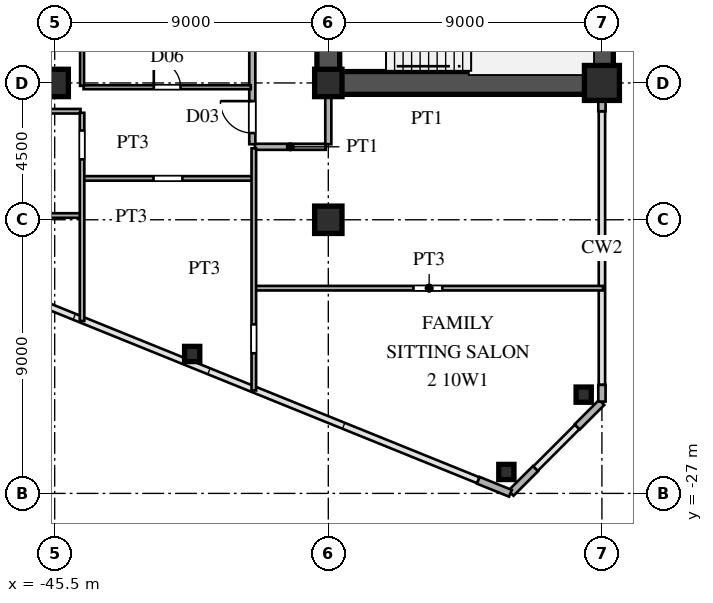
"""IFC4 building model, lengths in metres.
Left out: names, types, materials, properties, quantities, classifications, styles, units other than length and angle.
Written with IfcOpenShell. Run it as: python <this file> out.ifc"""

import sys

from ifc_helpers import new_model, si_unit, direction, frame, frame_2d, origin, origin_2d, place, context, subcontext, project, spatial, rectangle, hollow_rectangle, i_section, extrude, source, transform, mapped, element, fill, save


model = new_model("IFC4")
c1 = context("Model", 3, precision=1e-05, world=origin(), true_north=direction((0.0, 1.0)))
c2 = subcontext(c1, "Body", "Model", "MODEL_VIEW")
j1 = project(units=[si_unit("LENGTHUNIT", "METRE"), si_unit("PLANEANGLEUNIT", "RADIAN")], contexts=[c1])
p1 = place(None, origin())
s1 = spatial("IfcSite", under=j1, at=p1, CompositionType="ELEMENT")
p2 = place(p1, origin())
s2 = spatial("IfcBuilding", under=s1, at=p2, CompositionType="ELEMENT")
p3 = place(p2, frame((0.0, 0.0, 40.5)))
s3 = spatial("IfcBuildingStorey", under=s2, at=p3, CompositionType="ELEMENT", Elevation=40.5)
m1 = source(origin(), c2, "Body", "SweptSolid", [
    extrude(hollow_rectangle(XDim=1.15, YDim=1.15, WallThickness=0.048, at=origin_2d()), origin(), (0.0, 0.0, 1.0), 3.6),
])
p4 = place(p3, frame((-27.5, -13.5, 0.0), z_axis=(0.0, 0.0, 1.0), x_axis=(1.0, 0.0, 0.0)))
e1 = element("IfcColumn", 1, at=p4, inside=s3, PredefinedType="COLUMN", context=c2, shape_type="MappedRepresentation", body=[
    mapped(m1, transform((0.0, 0.0, 0.0), scale=1.0)),
])
m2 = source(origin(), c2, "Body", "SweptSolid", [
    extrude(i_section(OverallWidth=0.9, OverallDepth=0.9, WebThickness=0.036, FlangeThickness=0.055, at=origin_2d()), origin(), (0.0, 0.0, 1.0), 3.6),
])
for number, where, z_axis, x_axis in (
    (2, (-36.5, -18.0, 0.0), (0.0, 0.0, 1.0), (1.0, 0.0, 0.0)),
    (3, (-36.5, -13.5, 0.0), (0.0, 0.0, 1.0), (1.0, 0.0, 0.0)),
    (4, (-45.5, -13.5, 0.0), (0.0, 0.0, 1.0), (1.0, 0.0, 0.0)),
):
    element("IfcColumn", number, at=place(p3, frame(where, z_axis=z_axis, x_axis=x_axis)), inside=s3, PredefinedType="COLUMN", context=c2, shape_type="MappedRepresentation", body=[
        mapped(m2, transform((0.0, 0.0, 0.0), scale=1.0)),
    ])
m3 = source(origin(), c2, "Body", "SweptSolid", [
    extrude(hollow_rectangle(XDim=0.5, YDim=0.5, WallThickness=0.02, at=origin_2d()), origin(), (0.0, 0.0, 1.0), 3.6),
])
for number, where, z_axis, x_axis in (
    (5, (-28.1, -23.751, 0.0), (0.0, 0.0, 1.0), (1.0, 0.0, 0.0)),
    (6, (-30.643, -26.295, 0.0), (0.0, 0.0, 1.0), (1.0, 0.0, 0.0)),
    (7, (-40.977, -22.414, 0.0), (0.0, 0.0, 1.0), (1.0, 0.0, 0.0)),
):
    element("IfcColumn", number, at=place(p3, frame(where, z_axis=z_axis, x_axis=x_axis)), inside=s3, PredefinedType="COLUMN", context=c2, shape_type="MappedRepresentation", body=[
        mapped(m3, transform((0.0, 0.0, 0.0), scale=1.0)),
    ])
p5 = place(p3, frame((-27.5, -23.98, 0.0), z_axis=(0.0, 0.0, 1.0), x_axis=(0.0, 1.0, 0.0)))
e8 = element("IfcWall", 8, at=p5, inside=s3, PredefinedType="SOLIDWALL", context=c2, shape_type="SweptSolid", body=[
    extrude(rectangle(XDim=0.55, YDim=0.24, at=frame_2d((0.275, 0.0))), origin(), (0.0, 0.0, 1.0), 3.38),
])
p6 = place(p3, frame((-27.5, -14.43, 0.0), z_axis=(0.0, 0.0, 1.0), x_axis=(0.0, 1.0, 0.0)))
e9 = element("IfcWall", 9, at=p6, inside=s3, PredefinedType="SOLIDWALL", context=c2, shape_type="SweptSolid", body=[
    extrude(rectangle(XDim=0.55, YDim=0.24, at=frame_2d((0.275, 0.0))), origin(), (0.0, 0.0, 1.0), 2.88),
])
p7 = place(p3, frame((-31.566, -26.569, 0.0), z_axis=(0.0, 0.0, 1.0), x_axis=(0.927007103665, -0.375043770452, 0.0)))
e10 = element("IfcWall", 10, at=p7, inside=s3, PredefinedType="SOLIDWALL", context=c2, shape_type="SweptSolid", body=[
    extrude(rectangle(XDim=1.14, YDim=0.24, at=frame_2d((0.57, 0.0))), origin(), (0.0, 0.0, 1.0), 3.38),
])
for number, where, z_axis, x_axis in (
    (11, (-30.493, -26.993, 0.0), (0.0, 0.0, 1.0), (0.707, 0.707, 0.0)),
    (12, (-28.313, -24.813, 0.0), (0.0, 0.0, 1.0), (0.707, 0.707, 0.0)),
):
    element("IfcWall", number, at=place(p3, frame(where, z_axis=z_axis, x_axis=x_axis)), inside=s3, PredefinedType="SOLIDWALL", context=c2, shape_type="SweptSolid", body=[
        extrude(rectangle(XDim=1.14, YDim=0.24, at=frame_2d((0.57, 0.0))), origin(), (0.0, 0.0, 1.0), 3.38),
    ])
p8 = place(p3, frame((-27.5, -13.5, 0.0), z_axis=(0.0, 0.0, 1.0), x_axis=(0.0, 1.0, 0.0)))
e13 = element("IfcWall", 13, at=p8, inside=s3, PredefinedType="SHEAR", context=c2, shape_type="SweptSolid", body=[
    extrude(rectangle(XDim=12.2, YDim=0.75, at=frame_2d((6.1, 0.0))), origin(), (0.0, 0.0, 1.0), 3.38),
])
p9 = place(p3, frame((-36.5, -13.5, 0.0), z_axis=(0.0, 0.0, 1.0), x_axis=(1.0, 0.0, 0.0)))
e14 = element("IfcWall", 14, at=p9, inside=s3, PredefinedType="SHEAR", context=c2, shape_type="SweptSolid", body=[
    extrude(rectangle(XDim=9.0, YDim=0.75, at=frame_2d((4.5, 0.0))), origin(), (0.0, 0.0, 1.0), 3.38),
])
p10 = place(p3, frame((-36.5, -13.65, 0.0), z_axis=(0.0, 0.0, 1.0), x_axis=(0.0, 1.0, 0.0)))
e15 = element("IfcWall", 15, at=p10, inside=s3, PredefinedType="SHEAR", context=c2, shape_type="SweptSolid", body=[
    extrude(rectangle(XDim=7.15, YDim=0.75, at=frame_2d((3.575, 0.0))), origin(), (0.0, 0.0, 1.0), 3.38),
])
p11 = place(p10, frame((4.675, 0.0, 0.0)))
e16 = element("IfcOpeningElement", 16, at=p11, cuts=e15, PredefinedType="OPENING", context=c2, shape_type="SweptSolid", body=[
    extrude(rectangle(XDim=1.15, YDim=2.2, at=frame_2d((0.575, 1.1))), frame((0.0, 0.385, 0.0), z_axis=(0.0, -1.0, 0.0), x_axis=(1.0, 0.0, 0.0)), (0.0, 0.0, 1.0), 0.77),
])
p12 = place(p3, frame((-38.9, -20.25, 0.0), z_axis=(0.0, 0.0, 1.0), x_axis=(1.0, 0.0, 0.0)))
e17 = element("IfcWall", 17, at=p12, inside=s3, PredefinedType="PARTITIONING", context=c2, shape_type="SweptSolid", body=[
    extrude(rectangle(XDim=11.435, YDim=0.15, at=frame_2d((5.717, 0.0))), origin(), (0.0, 0.0, 1.0), 3.38),
])
p13 = place(p12, frame((5.2, 0.0, 0.0)))
e18 = element("IfcOpeningElement", 18, at=p13, cuts=e17, PredefinedType="OPENING", context=c2, shape_type="SweptSolid", body=[
    extrude(rectangle(XDim=0.95, YDim=2.15, at=frame_2d((0.475, 1.075))), frame((0.0, 0.085, 0.0), z_axis=(0.0, -1.0, 0.0), x_axis=(1.0, 0.0, 0.0)), (0.0, 0.0, 1.0), 0.17),
])
p14 = place(p3, frame((-53.111, -17.86, 0.0), z_axis=(0.0, 0.0, 1.0), x_axis=(1.0, 0.0, 0.0)))
e19 = element("IfcWall", 19, at=p14, inside=s3, PredefinedType="PARTITIONING", context=c2, shape_type="SweptSolid", body=[
    extrude(rectangle(XDim=8.461, YDim=0.15, at=frame_2d((4.23, 0.0))), origin(), (0.0, 0.0, 1.0), 3.38),
])
p15 = place(p14, frame((3.798, 0.0, 0.0)))
e20 = element("IfcOpeningElement", 20, at=p15, cuts=e19, PredefinedType="OPENING", context=c2, shape_type="SweptSolid", body=[
    extrude(rectangle(XDim=0.95, YDim=2.15, at=frame_2d((0.475, 1.075))), frame((0.0, 0.085, 0.0), z_axis=(0.0, -1.0, 0.0), x_axis=(1.0, 0.0, 0.0)), (0.0, 0.0, 1.0), 0.17),
])
p16 = place(p3, frame((-44.55, -16.64, 0.0), z_axis=(0.0, 0.0, 1.0), x_axis=(1.0, 0.0, 0.0)))
e21 = element("IfcWall", 21, at=p16, inside=s3, PredefinedType="PARTITIONING", context=c2, shape_type="SweptSolid", body=[
    extrude(rectangle(XDim=5.55, YDim=0.15, at=frame_2d((2.775, 0.0))), origin(), (0.0, 0.0, 1.0), 3.38),
])
p17 = place(p16, frame((2.3, 0.0, 0.0)))
e22 = element("IfcOpeningElement", 22, at=p17, cuts=e21, PredefinedType="OPENING", context=c2, shape_type="SweptSolid", body=[
    extrude(rectangle(XDim=0.95, YDim=2.15, at=frame_2d((0.475, 1.075))), frame((0.0, 0.085, 0.0), z_axis=(0.0, -1.0, 0.0), x_axis=(1.0, 0.0, 0.0)), (0.0, 0.0, 1.0), 0.17),
])
p18 = place(p3, frame((-38.915, -15.6, 0.0), z_axis=(0.0, 0.0, 1.0), x_axis=(1.0, 0.0, 0.0)))
e23 = element("IfcWall", 23, at=p18, inside=s3, PredefinedType="PARTITIONING", context=c2, shape_type="SweptSolid", body=[
    extrude(rectangle(XDim=2.33, YDim=0.2, at=frame_2d((1.165, 0.0))), origin(), (0.0, 0.0, 1.0), 3.38),
])
p19 = place(p3, frame((-61.588, -14.43, 0.0), z_axis=(0.0, 0.0, 1.0), x_axis=(1.0, 0.0, 0.0)))
e24 = element("IfcWall", 24, at=p19, inside=s3, PredefinedType="PARTITIONING", context=c2, shape_type="SweptSolid", body=[
    extrude(rectangle(XDim=16.938, YDim=0.15, at=frame_2d((8.469, 0.0))), origin(), (0.0, 0.0, 1.0), 3.38),
])
p20 = place(p19, frame((11.563, 0.0, 0.0)))
e25 = element("IfcOpeningElement", 25, at=p20, cuts=e24, PredefinedType="OPENING", context=c2, shape_type="SweptSolid", body=[
    extrude(rectangle(XDim=0.95, YDim=2.15, at=frame_2d((0.475, 1.075))), frame((0.0, 0.085, 0.0), z_axis=(0.0, -1.0, 0.0), x_axis=(1.0, 0.0, 0.0)), (0.0, 0.0, 1.0), 0.17),
])
p21 = place(p3, frame((-44.55, -13.64, 0.0), z_axis=(0.0, 0.0, 1.0), x_axis=(1.0, 0.0, 0.0)))
e26 = element("IfcWall", 26, at=p21, inside=s3, PredefinedType="PARTITIONING", context=c2, shape_type="SweptSolid", body=[
    extrude(rectangle(XDim=5.5, YDim=0.13, at=frame_2d((2.75, 0.0))), origin(), (0.0, 0.0, 1.0), 2.68),
])
p22 = place(p21, frame((2.31, 0.0, 0.0)))
e27 = element("IfcOpeningElement", 27, at=p22, cuts=e26, PredefinedType="OPENING", context=c2, shape_type="SweptSolid", body=[
    extrude(rectangle(XDim=0.88, YDim=2.1, at=frame_2d((0.44, 1.05))), frame((0.0, 0.075, 0.0), z_axis=(0.0, -1.0, 0.0), x_axis=(1.0, 0.0, 0.0)), (0.0, 0.0, 1.0), 0.15),
])
p23 = place(p3, frame((-44.6, -21.328, 0.0), z_axis=(0.0, 0.0, 1.0), x_axis=(0.0, 1.0, 0.0)))
e28 = element("IfcWall", 28, at=p23, inside=s3, PredefinedType="PARTITIONING", context=c2, shape_type="SweptSolid", body=[
    extrude(rectangle(XDim=6.847, YDim=0.15, at=frame_2d((3.423, 0.0))), origin(), (0.0, 0.0, 1.0), 3.38),
])
p24 = place(p23, frame((5.315, 0.0, 0.0)))
e29 = element("IfcOpeningElement", 29, at=p24, cuts=e28, PredefinedType="OPENING", context=c2, shape_type="SweptSolid", body=[
    extrude(rectangle(XDim=0.95, YDim=2.15, at=frame_2d((0.475, 1.075))), frame((0.0, 0.085, 0.0), z_axis=(0.0, -1.0, 0.0), x_axis=(1.0, 0.0, 0.0)), (0.0, 0.0, 1.0), 0.17),
])
p25 = place(p3, frame((-44.6, -13.595, 0.0), z_axis=(0.0, 0.0, 1.0), x_axis=(0.0, 1.0, 0.0)))
e30 = element("IfcWall", 30, at=p25, inside=s3, PredefinedType="PARTITIONING", context=c2, shape_type="SweptSolid", body=[
    extrude(rectangle(XDim=15.553, YDim=0.13, at=frame_2d((7.776, 0.0))), origin(), (0.0, 0.0, 1.0), 3.38),
])
p26 = place(p25, frame((5.817, 0.0, 0.0)))
e31 = element("IfcOpeningElement", 31, at=p26, cuts=e30, PredefinedType="OPENING", context=c2, shape_type="SweptSolid", body=[
    extrude(rectangle(XDim=0.95, YDim=2.15, at=frame_2d((0.475, 1.075))), frame((0.0, 0.075, 0.0), z_axis=(0.0, -1.0, 0.0), x_axis=(1.0, 0.0, 0.0)), (0.0, 0.0, 1.0), 0.15),
])
p27 = place(p25, frame((7.602, 0.0, 0.0)))
e32 = element("IfcOpeningElement", 32, at=p27, cuts=e30, PredefinedType="OPENING", context=c2, shape_type="SweptSolid", body=[
    extrude(rectangle(XDim=0.95, YDim=2.15, at=frame_2d((0.475, 1.075))), frame((0.0, 0.075, 0.0), z_axis=(0.0, -1.0, 0.0), x_axis=(1.0, 0.0, 0.0)), (0.0, 0.0, 1.0), 0.15),
])
p28 = place(p3, frame((-39.0, -15.515, 0.0), z_axis=(0.0, 0.0, 1.0), x_axis=(0.0, 1.0, 0.0)))
e33 = element("IfcWall", 33, at=p28, inside=s3, PredefinedType="PARTITIONING", context=c2, shape_type="SweptSolid", body=[
    extrude(rectangle(XDim=31.03, YDim=0.2, at=frame_2d((15.515, 0.0))), origin(), (0.0, 0.0, 1.0), 3.38),
])
p29 = place(p28, frame((0.367, 0.0, 0.0)))
e34 = element("IfcOpeningElement", 34, at=p29, cuts=e33, PredefinedType="OPENING", context=c2, shape_type="SweptSolid", body=[
    extrude(rectangle(XDim=1.05, YDim=2.25, at=frame_2d((0.525, 1.125))), frame((0.0, 0.11, 0.0), z_axis=(0.0, -1.0, 0.0), x_axis=(1.0, 0.0, 0.0)), (0.0, 0.0, 1.0), 0.22),
])
p30 = place(p28, frame((8.638, 0.0, 0.0)))
e35 = element("IfcOpeningElement", 35, at=p30, cuts=e33, PredefinedType="OPENING", context=c2, shape_type="SweptSolid", body=[
    extrude(rectangle(XDim=1.05, YDim=2.25, at=frame_2d((0.525, 1.125))), frame((0.0, 0.11, 0.0), z_axis=(0.0, -1.0, 0.0), x_axis=(1.0, 0.0, 0.0)), (0.0, 0.0, 1.0), 0.22),
])
p31 = place(p28, frame((19.795, 0.0, 0.0)))
e36 = element("IfcOpeningElement", 36, at=p31, cuts=e33, PredefinedType="OPENING", context=c2, shape_type="SweptSolid", body=[
    extrude(rectangle(XDim=1.05, YDim=2.25, at=frame_2d((0.525, 1.125))), frame((0.0, 0.11, 0.0), z_axis=(0.0, -1.0, 0.0), x_axis=(1.0, 0.0, 0.0)), (0.0, 0.0, 1.0), 0.22),
])
p32 = place(p28, frame((29.82, 0.0, 0.0)))
e37 = element("IfcOpeningElement", 37, at=p32, cuts=e33, PredefinedType="OPENING", context=c2, shape_type="SweptSolid", body=[
    extrude(rectangle(XDim=1.05, YDim=2.25, at=frame_2d((0.525, 1.125))), frame((0.0, 0.11, 0.0), z_axis=(0.0, -1.0, 0.0), x_axis=(1.0, 0.0, 0.0)), (0.0, 0.0, 1.0), 0.22),
])
p33 = place(p3, frame((-38.95, -23.615, 0.0), z_axis=(0.0, 0.0, 1.0), x_axis=(0.0, 1.0, 0.0)))
e38 = element("IfcWall", 38, at=p33, inside=s3, PredefinedType="PARTITIONING", context=c2, shape_type="SweptSolid", body=[
    extrude(rectangle(XDim=7.965, YDim=0.15, at=frame_2d((3.982, 0.0))), origin(), (0.0, 0.0, 1.0), 3.38),
])
p34 = place(p33, frame((1.225, 0.0, 0.0)))
e39 = element("IfcOpeningElement", 39, at=p34, cuts=e38, PredefinedType="OPENING", context=c2, shape_type="SweptSolid", body=[
    extrude(rectangle(XDim=0.95, YDim=2.15, at=frame_2d((0.475, 1.075))), frame((0.0, 0.085, 0.0), z_axis=(0.0, -1.0, 0.0), x_axis=(1.0, 0.0, 0.0)), (0.0, 0.0, 1.0), 0.17),
])
p35 = place(p3, frame((-36.5, -15.515, 0.0), z_axis=(0.0, 0.0, 1.0), x_axis=(0.0, 1.0, 0.0)))
e40 = element("IfcWall", 40, at=p35, inside=s3, PredefinedType="PARTITIONING", context=c2, shape_type="SweptSolid", body=[
    extrude(rectangle(XDim=1.635, YDim=0.2, at=frame_2d((0.817, 0.0))), origin(), (0.0, 0.0, 1.0), 2.68),
])
m4 = source(origin(), c2, "Body", "SweptSolid", [
    extrude(rectangle(XDim=0.88, YDim=2.1, at=frame_2d((0.44, 1.05))), frame((0.0, 0.025, 0.0), z_axis=(0.0, -1.0, 0.0), x_axis=(1.0, 0.0, 0.0)), (0.0, 0.0, 1.0), 0.05),
])
p36 = place(p22, origin())
e41 = element("IfcDoor", 41, at=p36, inside=s3, OperationType="SINGLE_SWING_LEFT", PredefinedType="DOOR", context=c2, shape_type="MappedRepresentation", body=[
    mapped(m4, transform((0.0, 0.0, 0.0), scale=1.0)),
])
fill(e27, e41)
m5 = source(origin(), c2, "Body", "SweptSolid", [
    extrude(rectangle(XDim=1.05, YDim=2.25, at=frame_2d((0.525, 1.125))), frame((0.0, 0.025, 0.0), z_axis=(0.0, -1.0, 0.0), x_axis=(1.0, 0.0, 0.0)), (0.0, 0.0, 1.0), 0.05),
])
p37 = place(p29, origin())
e42 = element("IfcDoor", 42, at=p37, inside=s3, OperationType="SINGLE_SWING_RIGHT", PredefinedType="DOOR", context=c2, shape_type="MappedRepresentation", body=[
    mapped(m5, transform((0.0, 0.0, 0.0), scale=1.0)),
])
fill(e34, e42)
save(model, sys.argv[1])

————————

EXERCISE. Retrieve each line of the data in which the word "IfcDoor" can be found.

WRITTEN RESPONSE.
e41 = element("IfcDoor", 41, at=p36, inside=s3, OperationType="SINGLE_SWING_LEFT", PredefinedType="DOOR", context=c2, shape_type="MappedRepresentation", body=[
e42 = element("IfcDoor", 42, at=p37, inside=s3, OperationType="SINGLE_SWING_RIGHT", PredefinedType="DOOR", context=c2, shape_type="MappedRepresentation", body=[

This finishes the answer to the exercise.